TASK GOAL –
Give every line from the entries that contains "subcontext".

PROVIDED MATERIAL –
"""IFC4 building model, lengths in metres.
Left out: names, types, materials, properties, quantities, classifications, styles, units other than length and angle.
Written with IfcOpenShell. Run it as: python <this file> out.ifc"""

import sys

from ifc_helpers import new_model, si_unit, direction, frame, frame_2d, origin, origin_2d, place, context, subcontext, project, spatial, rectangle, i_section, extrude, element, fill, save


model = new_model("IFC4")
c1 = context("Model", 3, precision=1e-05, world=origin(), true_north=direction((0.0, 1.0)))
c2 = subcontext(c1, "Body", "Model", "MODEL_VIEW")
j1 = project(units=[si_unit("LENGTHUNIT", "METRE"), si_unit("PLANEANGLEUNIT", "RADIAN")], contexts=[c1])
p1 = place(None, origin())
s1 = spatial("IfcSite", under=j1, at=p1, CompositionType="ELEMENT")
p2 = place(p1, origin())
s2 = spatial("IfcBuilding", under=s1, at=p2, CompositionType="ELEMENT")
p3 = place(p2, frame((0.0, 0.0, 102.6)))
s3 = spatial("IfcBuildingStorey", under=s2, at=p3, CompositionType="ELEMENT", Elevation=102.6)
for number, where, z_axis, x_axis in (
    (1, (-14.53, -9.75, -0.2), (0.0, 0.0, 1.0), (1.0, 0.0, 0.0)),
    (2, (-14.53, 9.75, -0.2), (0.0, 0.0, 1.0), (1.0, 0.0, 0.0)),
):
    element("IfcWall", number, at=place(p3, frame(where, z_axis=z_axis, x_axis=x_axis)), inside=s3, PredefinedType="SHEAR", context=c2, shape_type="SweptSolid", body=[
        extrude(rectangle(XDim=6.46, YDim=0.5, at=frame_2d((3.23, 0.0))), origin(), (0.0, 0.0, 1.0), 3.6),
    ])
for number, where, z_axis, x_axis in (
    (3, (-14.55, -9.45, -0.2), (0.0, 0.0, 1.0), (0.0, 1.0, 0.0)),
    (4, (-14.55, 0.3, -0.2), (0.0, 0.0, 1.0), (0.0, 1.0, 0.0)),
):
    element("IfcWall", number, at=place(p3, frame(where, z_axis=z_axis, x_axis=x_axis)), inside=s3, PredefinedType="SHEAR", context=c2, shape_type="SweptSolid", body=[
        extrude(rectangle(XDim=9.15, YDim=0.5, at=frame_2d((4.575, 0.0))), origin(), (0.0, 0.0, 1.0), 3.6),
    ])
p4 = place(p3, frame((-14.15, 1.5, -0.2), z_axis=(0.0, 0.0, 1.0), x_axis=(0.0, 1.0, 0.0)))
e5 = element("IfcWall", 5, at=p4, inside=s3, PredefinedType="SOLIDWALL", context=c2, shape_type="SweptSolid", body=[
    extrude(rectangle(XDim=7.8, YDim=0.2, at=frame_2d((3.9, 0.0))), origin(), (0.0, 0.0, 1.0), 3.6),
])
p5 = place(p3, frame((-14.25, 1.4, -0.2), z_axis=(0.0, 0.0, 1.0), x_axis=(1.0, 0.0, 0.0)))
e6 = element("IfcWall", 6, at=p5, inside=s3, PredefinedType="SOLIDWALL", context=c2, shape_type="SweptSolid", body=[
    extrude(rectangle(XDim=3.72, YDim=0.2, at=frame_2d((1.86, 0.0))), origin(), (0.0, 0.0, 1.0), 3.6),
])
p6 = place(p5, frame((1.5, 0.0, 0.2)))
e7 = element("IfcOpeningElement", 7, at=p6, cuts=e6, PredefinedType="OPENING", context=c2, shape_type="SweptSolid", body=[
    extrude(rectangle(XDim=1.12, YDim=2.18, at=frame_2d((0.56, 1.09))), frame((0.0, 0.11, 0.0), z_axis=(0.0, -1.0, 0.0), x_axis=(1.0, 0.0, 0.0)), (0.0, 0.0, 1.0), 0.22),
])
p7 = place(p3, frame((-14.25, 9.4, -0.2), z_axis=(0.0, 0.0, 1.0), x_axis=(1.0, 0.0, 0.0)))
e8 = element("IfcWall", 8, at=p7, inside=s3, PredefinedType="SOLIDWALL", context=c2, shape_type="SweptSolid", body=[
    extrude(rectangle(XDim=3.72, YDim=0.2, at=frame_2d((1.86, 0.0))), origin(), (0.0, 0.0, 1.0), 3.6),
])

ANSWER SPACE –
from ifc_helpers import new_model, si_unit, direction, frame, frame_2d, origin, origin_2d, place, context, subcontext, project, spatial, rectangle, i_section, extrude, element, fill, save
c2 = subcontext(c1, "Body", "Model", "MODEL_VIEW")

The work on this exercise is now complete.